■ Supplied data:

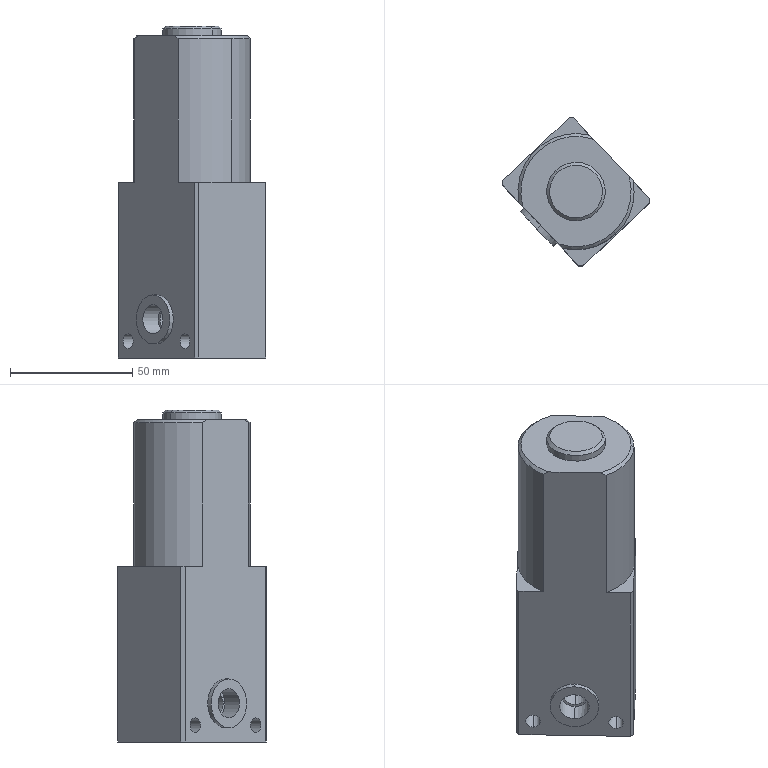Component | SolidWorks | ClampingMechanism-1_WormGearMotor-1 | 1 solid | 36 faces | box 60.39 x 60.71 x 136 mm | volume 235113 mm3 | plane 16 | cylinder 15 | cone 5 | commonest cylinder face diameters 6 x4 47.6 x3 10 x2 12 x2 24 x2 20 x2
STEP:
#1=COLOUR_RGB('',0.7922,0.8196,0.9333);
#2=FILL_AREA_STYLE_COLOUR('',#1);
#3=FILL_AREA_STYLE('',(#2));
#4=SURFACE_STYLE_FILL_AREA(#3);
#5=SURFACE_SIDE_STYLE('',(#4));
#6=SURFACE_STYLE_USAGE(.BOTH.,#5);
#7=PRESENTATION_STYLE_ASSIGNMENT((#6));
#8=CARTESIAN_POINT('',(-12.795,-7.773,-21.18));
#9=VERTEX_POINT('',#8);
#10=CARTESIAN_POINT('',(-12.795,-7.773,-21.574));
#11=VERTEX_POINT('',#10);
#12=CARTESIAN_POINT('',(-12.795,-7.773,-21.377));
#13=DIRECTION('',(-0.727,-0.6866,0.));
#14=DIRECTION('',(0.,0.,-1.));
#15=AXIS2_PLACEMENT_3D('',#12,#13,#14);
#16=CIRCLE('',#15,0.1969);
#17=EDGE_CURVE('',#9,#11,#16,.T.);
#18=ORIENTED_EDGE('',*,*,#17,.F.);
#19=CARTESIAN_POINT('',(-13.081,-8.043,-21.18));
#20=VERTEX_POINT('',#19);
#21=CARTESIAN_POINT('',(-12.795,-7.773,-21.18));
#22=DIRECTION('',(-0.727,-0.6866,0.));
#23=VECTOR('',#22,39.37);
#24=LINE('',#21,#23);
#25=EDGE_CURVE('',#9,#20,#24,.T.);
#26=ORIENTED_EDGE('',*,*,#25,.T.);
#27=CARTESIAN_POINT('',(-13.081,-8.043,-21.574));
#28=VERTEX_POINT('',#27);
#29=CARTESIAN_POINT('',(-13.081,-8.043,-21.377));
#30=DIRECTION('',(-0.727,-0.6866,0.));
#31=DIRECTION('',(0.,0.,-1.));
#32=AXIS2_PLACEMENT_3D('',#29,#30,#31);
#33=CIRCLE('',#32,0.1969);
#34=EDGE_CURVE('',#20,#28,#33,.T.);
#35=ORIENTED_EDGE('',*,*,#34,.T.);
#36=CARTESIAN_POINT('',(-12.795,-7.773,-21.574));
#37=DIRECTION('',(-0.727,-0.6866,0.));
#38=VECTOR('',#37,39.37);
#39=LINE('',#36,#38);
#40=EDGE_CURVE('',#11,#28,#39,.T.);
#41=ORIENTED_EDGE('',*,*,#40,.F.);
#42=EDGE_LOOP('',(#18,#26,#35,#41));
#43=FACE_OUTER_BOUND('',#42,.T.);
#44=CARTESIAN_POINT('',(-12.795,-7.773,-21.377));
#45=DIRECTION('',(-0.727,-0.6866,0.));
#46=DIRECTION('',(0.,0.,-1.));
#47=AXIS2_PLACEMENT_3D('',#44,#45,#46);
#48=CYLINDRICAL_SURFACE('',#47,0.1969);
#49=ADVANCED_FACE('',(#43),#48,.F.);
#50=CARTESIAN_POINT('',(-13.081,-8.043,-21.613));
#51=VERTEX_POINT('',#50);
#52=CARTESIAN_POINT('',(-13.081,-8.043,-21.141));
#53=VERTEX_POINT('',#52);
#54=CARTESIAN_POINT('',(-13.081,-8.043,-21.377));
#55=DIRECTION('',(0.727,0.6866,-0.));
#56=DIRECTION('',(0.,0.,-1.));
#57=AXIS2_PLACEMENT_3D('',#54,#55,#56);
#58=CIRCLE('',#57,0.2362);
#59=EDGE_CURVE('',#51,#53,#58,.T.);
#60=ORIENTED_EDGE('',*,*,#59,.T.);
#61=CARTESIAN_POINT('',(-13.329,-8.278,-21.141));
#62=VERTEX_POINT('',#61);
#63=CARTESIAN_POINT('',(-12.309,-7.314,-21.141));
#64=DIRECTION('',(-0.727,-0.6866,0.));
#65=VECTOR('',#64,39.37);
#66=LINE('',#63,#65);
#67=EDGE_CURVE('',#53,#62,#66,.T.);
#68=ORIENTED_EDGE('',*,*,#67,.T.);
#69=CARTESIAN_POINT('',(-13.329,-8.278,-21.613));
#70=VERTEX_POINT('',#69);
#71=CARTESIAN_POINT('',(-13.329,-8.278,-21.377));
#72=DIRECTION('',(-0.727,-0.6866,0.));
#73=DIRECTION('',(0.,0.,-1.));
#74=AXIS2_PLACEMENT_3D('',#71,#72,#73);
#75=CIRCLE('',#74,0.2362);
#76=EDGE_CURVE('',#62,#70,#75,.T.);
#77=ORIENTED_EDGE('',*,*,#76,.T.);
#78=CARTESIAN_POINT('',(-12.309,-7.314,-21.613));
#79=DIRECTION('',(-0.727,-0.6866,0.));
#80=VECTOR('',#79,39.37);
#81=LINE('',#78,#80);
#82=EDGE_CURVE('',#51,#70,#81,.T.);
#83=ORIENTED_EDGE('',*,*,#82,.F.);
#84=EDGE_LOOP('',(#60,#68,#77,#83));
#85=FACE_OUTER_BOUND('',#84,.T.);
#86=CARTESIAN_POINT('',(-12.309,-7.314,-21.377));
#87=DIRECTION('',(-0.727,-0.6866,0.));
#88=DIRECTION('',(0.,0.,-1.));
#89=AXIS2_PLACEMENT_3D('',#86,#87,#88);
#90=CYLINDRICAL_SURFACE('',#89,0.2362);
#91=ADVANCED_FACE('',(#85),#90,.F.);
#92=CARTESIAN_POINT('',(-11.667,-7.629,-21.613));
#93=VERTEX_POINT('',#92);
#94=CARTESIAN_POINT('',(-11.667,-7.629,-21.849));
#95=VERTEX_POINT('',#94);
#96=CARTESIAN_POINT('',(-11.667,-7.629,-21.731));
#97=DIRECTION('',(-0.727,-0.6866,0.));
#98=DIRECTION('',(0.,0.,-1.));
#99=AXIS2_PLACEMENT_3D('',#96,#97,#98);
#100=CIRCLE('',#99,0.1181);
#101=EDGE_CURVE('',#93,#95,#100,.T.);
#102=ORIENTED_EDGE('',*,*,#101,.F.);
#103=CARTESIAN_POINT('',(-12.812,-8.71,-21.613));
#104=VERTEX_POINT('',#103);
#105=CARTESIAN_POINT('',(-11.559,-7.526,-21.613));
#106=DIRECTION('',(-0.727,-0.6866,0.));
#107=VECTOR('',#106,39.37);
#108=LINE('',#105,#107);
#109=EDGE_CURVE('',#93,#104,#108,.T.);
#110=ORIENTED_EDGE('',*,*,#109,.T.);
#111=CARTESIAN_POINT('',(-12.812,-8.71,-21.849));
#112=VERTEX_POINT('',#111);
#113=CARTESIAN_POINT('',(-12.812,-8.71,-21.731));
#114=DIRECTION('',(-0.727,-0.6866,0.));
#115=DIRECTION('',(0.,0.,-1.));
#116=AXIS2_PLACEMENT_3D('',#113,#114,#115);
#117=CIRCLE('',#116,0.1181);
#118=EDGE_CURVE('',#104,#112,#117,.T.);
#119=ORIENTED_EDGE('',*,*,#118,.T.);
#120=CARTESIAN_POINT('',(-11.559,-7.526,-21.849));
#121=DIRECTION('',(-0.727,-0.6866,0.));
#122=VECTOR('',#121,39.37);
#123=LINE('',#120,#122);
#124=EDGE_CURVE('',#95,#112,#123,.T.);
#125=ORIENTED_EDGE('',*,*,#124,.F.);
#126=EDGE_LOOP('',(#102,#110,#119,#125));
#127=FACE_OUTER_BOUND('',#126,.T.);
#128=CARTESIAN_POINT('',(-11.559,-7.526,-21.731));
#129=DIRECTION('',(-0.727,-0.6866,0.));
#130=DIRECTION('',(0.,0.,-1.));
#131=AXIS2_PLACEMENT_3D('',#128,#129,#130);
#132=CYLINDRICAL_SURFACE('',#131,0.1181);
#133=ADVANCED_FACE('',(#127),#132,.F.);
#134=CARTESIAN_POINT('',(-12.586,-6.656,-21.613));
#135=VERTEX_POINT('',#134);
#136=CARTESIAN_POINT('',(-12.586,-6.656,-21.849));
#137=VERTEX_POINT('',#136);
#138=CARTESIAN_POINT('',(-12.586,-6.656,-21.731));
#139=DIRECTION('',(-0.727,-0.6866,0.));
#140=DIRECTION('',(0.,0.,-1.));
#141=AXIS2_PLACEMENT_3D('',#138,#139,#140);
#142=CIRCLE('',#141,0.1181);
#143=EDGE_CURVE('',#135,#137,#142,.T.);
#144=ORIENTED_EDGE('',*,*,#143,.F.);
#145=CARTESIAN_POINT('',(-13.731,-7.737,-21.613));
#146=VERTEX_POINT('',#145);
#147=CARTESIAN_POINT('',(-12.478,-6.553,-21.613));
#148=DIRECTION('',(-0.727,-0.6866,0.));
#149=VECTOR('',#148,39.37);
#150=LINE('',#147,#149);
#151=EDGE_CURVE('',#135,#146,#150,.T.);
#152=ORIENTED_EDGE('',*,*,#151,.T.);
#153=CARTESIAN_POINT('',(-13.731,-7.737,-21.849));
#154=VERTEX_POINT('',#153);
#155=CARTESIAN_POINT('',(-13.731,-7.737,-21.731));
#156=DIRECTION('',(-0.727,-0.6866,0.));
#157=DIRECTION('',(0.,0.,-1.));
#158=AXIS2_PLACEMENT_3D('',#155,#156,#157);
#159=CIRCLE('',#158,0.1181);
#160=EDGE_CURVE('',#146,#154,#159,.T.);
#161=ORIENTED_EDGE('',*,*,#160,.T.);
#162=CARTESIAN_POINT('',(-12.478,-6.553,-21.849));
#163=DIRECTION('',(-0.727,-0.6866,0.));
#164=VECTOR('',#163,39.37);
#165=LINE('',#162,#164);
#166=EDGE_CURVE('',#137,#154,#165,.T.);
#167=ORIENTED_EDGE('',*,*,#166,.F.);
#168=EDGE_LOOP('',(#144,#152,#161,#167));
#169=FACE_OUTER_BOUND('',#168,.T.);
#170=CARTESIAN_POINT('',(-12.478,-6.553,-21.731));
#171=DIRECTION('',(-0.727,-0.6866,0.));
#172=DIRECTION('',(0.,0.,-1.));
#173=AXIS2_PLACEMENT_3D('',#170,#171,#172);
#174=CYLINDRICAL_SURFACE('',#173,0.1181);
#175=ADVANCED_FACE('',(#169),#174,.F.);
#176=CARTESIAN_POINT('',(-12.991,-7.374,-16.646));
#177=VERTEX_POINT('',#176);
#178=CARTESIAN_POINT('',(-12.407,-7.992,-16.646));
#179=VERTEX_POINT('',#178);
#180=CARTESIAN_POINT('',(-12.699,-7.683,-16.646));
#181=DIRECTION('',(0.,-0.,1.));
#182=DIRECTION('',(-0.6866,0.727,0.));
#183=AXIS2_PLACEMENT_3D('',#180,#181,#182);
#184=CIRCLE('',#183,0.4252);
#185=EDGE_CURVE('',#177,#179,#184,.T.);
#186=ORIENTED_EDGE('',*,*,#185,.F.);
#187=CARTESIAN_POINT('',(-13.024,-7.34,-16.693));
#188=VERTEX_POINT('',#187);
#189=CARTESIAN_POINT('',(-12.991,-7.374,-16.646));
#190=DIRECTION('',(-0.4855,0.5141,-0.7071));
#191=VECTOR('',#190,39.37);
#192=LINE('',#189,#191);
#193=EDGE_CURVE('',#177,#188,#192,.T.);
#194=ORIENTED_EDGE('',*,*,#193,.T.);
#195=CARTESIAN_POINT('',(-12.375,-8.027,-16.693));
#196=VERTEX_POINT('',#195);
#197=CARTESIAN_POINT('',(-12.699,-7.683,-16.693));
#198=DIRECTION('',(-0.,0.,-1.));
#199=DIRECTION('',(-0.6866,0.727,0.));
#200=AXIS2_PLACEMENT_3D('',#197,#198,#199);
#201=CIRCLE('',#200,0.4724);
#202=EDGE_CURVE('',#196,#188,#201,.T.);
#203=ORIENTED_EDGE('',*,*,#202,.F.);
#204=CARTESIAN_POINT('',(-12.407,-7.992,-16.646));
#205=DIRECTION('',(0.4855,-0.5141,-0.7071));
#206=VECTOR('',#205,39.37);
#207=LINE('',#204,#206);
#208=EDGE_CURVE('',#179,#196,#207,.T.);
#209=ORIENTED_EDGE('',*,*,#208,.F.);
#210=EDGE_LOOP('',(#186,#194,#203,#209));
#211=FACE_OUTER_BOUND('',#210,.T.);
#212=CARTESIAN_POINT('',(-12.699,-7.683,-16.646));
#213=DIRECTION('',(-0.,0.,-1.));
#214=DIRECTION('',(0.6866,-0.727,0.));
#215=AXIS2_PLACEMENT_3D('',#212,#213,#214);
#216=CONICAL_SURFACE('',#215,0.4252,0.7854);
#217=ADVANCED_FACE('',(#211),#216,.T.);
#218=ORIENTED_EDGE('',*,*,#202,.T.);
#219=CARTESIAN_POINT('',(-13.024,-7.34,-16.804));
#220=VERTEX_POINT('',#219);
#221=CARTESIAN_POINT('',(-13.024,-7.34,-16.646));
#222=DIRECTION('',(-0.,0.,-1.));
#223=VECTOR('',#222,39.37);
#224=LINE('',#221,#223);
#225=EDGE_CURVE('',#188,#220,#224,.T.);
#226=ORIENTED_EDGE('',*,*,#225,.T.);
#227=CARTESIAN_POINT('',(-12.375,-8.027,-16.804));
#228=VERTEX_POINT('',#227);
#229=CARTESIAN_POINT('',(-12.699,-7.683,-16.804));
#230=DIRECTION('',(0.,-0.,1.));
#231=DIRECTION('',(-0.6866,0.727,0.));
#232=AXIS2_PLACEMENT_3D('',#229,#230,#231);
#233=CIRCLE('',#232,0.4724);
#234=EDGE_CURVE('',#220,#228,#233,.T.);
#235=ORIENTED_EDGE('',*,*,#234,.T.);
#236=CARTESIAN_POINT('',(-12.375,-8.027,-16.646));
#237=DIRECTION('',(-0.,0.,-1.));
#238=VECTOR('',#237,39.37);
#239=LINE('',#236,#238);
#240=EDGE_CURVE('',#196,#228,#239,.T.);
#241=ORIENTED_EDGE('',*,*,#240,.F.);
#242=EDGE_LOOP('',(#218,#226,#235,#241));
#243=FACE_OUTER_BOUND('',#242,.T.);
#244=CARTESIAN_POINT('',(-12.699,-7.683,-16.646));
#245=DIRECTION('',(-0.,0.,-1.));
#246=DIRECTION('',(0.6866,-0.727,0.));
#247=AXIS2_PLACEMENT_3D('',#244,#245,#246);
#248=CYLINDRICAL_SURFACE('',#247,0.4724);
#249=ADVANCED_FACE('',(#243),#248,.T.);
#250=CARTESIAN_POINT('',(-13.329,-8.278,-21.77));
#251=VERTEX_POINT('',#250);
#252=CARTESIAN_POINT('',(-13.329,-8.278,-20.983));
#253=VERTEX_POINT('',#252);
#254=CARTESIAN_POINT('',(-13.329,-8.278,-21.377));
#255=DIRECTION('',(-0.727,-0.6866,0.));
#256=DIRECTION('',(0.,0.,-1.));
#257=AXIS2_PLACEMENT_3D('',#254,#255,#256);
#258=CIRCLE('',#257,0.3937);
#259=EDGE_CURVE('',#251,#253,#258,.T.);
#260=ORIENTED_EDGE('',*,*,#259,.F.);
#261=CARTESIAN_POINT('',(-13.272,-8.224,-21.77));
#262=VERTEX_POINT('',#261);
#263=CARTESIAN_POINT('',(-13.329,-8.278,-21.77));
#264=DIRECTION('',(0.727,0.6866,-0.));
#265=VECTOR('',#264,39.37);
#266=LINE('',#263,#265);
#267=EDGE_CURVE('',#251,#262,#266,.T.);
#268=ORIENTED_EDGE('',*,*,#267,.T.);
#269=CARTESIAN_POINT('',(-13.272,-8.224,-20.983));
#270=VERTEX_POINT('',#269);
#271=CARTESIAN_POINT('',(-13.272,-8.224,-21.377));
#272=DIRECTION('',(0.727,0.6866,-0.));
#273=DIRECTION('',(0.,0.,-1.));
#274=AXIS2_PLACEMENT_3D('',#271,#272,#273);
#275=CIRCLE('',#274,0.3937);
#276=EDGE_CURVE('',#270,#262,#275,.T.);
#277=ORIENTED_EDGE('',*,*,#276,.F.);
#278=CARTESIAN_POINT('',(-13.329,-8.278,-20.983));
#279=DIRECTION('',(0.727,0.6866,-0.));
#280=VECTOR('',#279,39.37);
#281=LINE('',#278,#280);
#282=EDGE_CURVE('',#253,#270,#281,.T.);
#283=ORIENTED_EDGE('',*,*,#282,.F.);
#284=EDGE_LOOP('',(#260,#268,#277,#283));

■ What you have to do:
Only the lines above starting at the line that holds "#238=VECTOR('',#237,39.37);" and ending at the line that holds "#266=LINE('',#263,#265);" are to be repeated, exactly and in full.

■ Solution to the problem:
#238=VECTOR('',#237,39.37);
#239=LINE('',#236,#238);
#240=EDGE_CURVE('',#196,#228,#239,.T.);
#241=ORIENTED_EDGE('',*,*,#240,.F.);
#242=EDGE_LOOP('',(#218,#226,#235,#241));
#243=FACE_OUTER_BOUND('',#242,.T.);
#244=CARTESIAN_POINT('',(-12.699,-7.683,-16.646));
#245=DIRECTION('',(-0.,0.,-1.));
#246=DIRECTION('',(0.6866,-0.727,0.));
#247=AXIS2_PLACEMENT_3D('',#244,#245,#246);
#248=CYLINDRICAL_SURFACE('',#247,0.4724);
#249=ADVANCED_FACE('',(#243),#248,.T.);
#250=CARTESIAN_POINT('',(-13.329,-8.278,-21.77));
#251=VERTEX_POINT('',#250);
#252=CARTESIAN_POINT('',(-13.329,-8.278,-20.983));
#253=VERTEX_POINT('',#252);
#254=CARTESIAN_POINT('',(-13.329,-8.278,-21.377));
#255=DIRECTION('',(-0.727,-0.6866,0.));
#256=DIRECTION('',(0.,0.,-1.));
#257=AXIS2_PLACEMENT_3D('',#254,#255,#256);
#258=CIRCLE('',#257,0.3937);
#259=EDGE_CURVE('',#251,#253,#258,.T.);
#260=ORIENTED_EDGE('',*,*,#259,.F.);
#261=CARTESIAN_POINT('',(-13.272,-8.224,-21.77));
#262=VERTEX_POINT('',#261);
#263=CARTESIAN_POINT('',(-13.329,-8.278,-21.77));
#264=DIRECTION('',(0.727,0.6866,-0.));
#265=VECTOR('',#264,39.37);
#266=LINE('',#263,#265);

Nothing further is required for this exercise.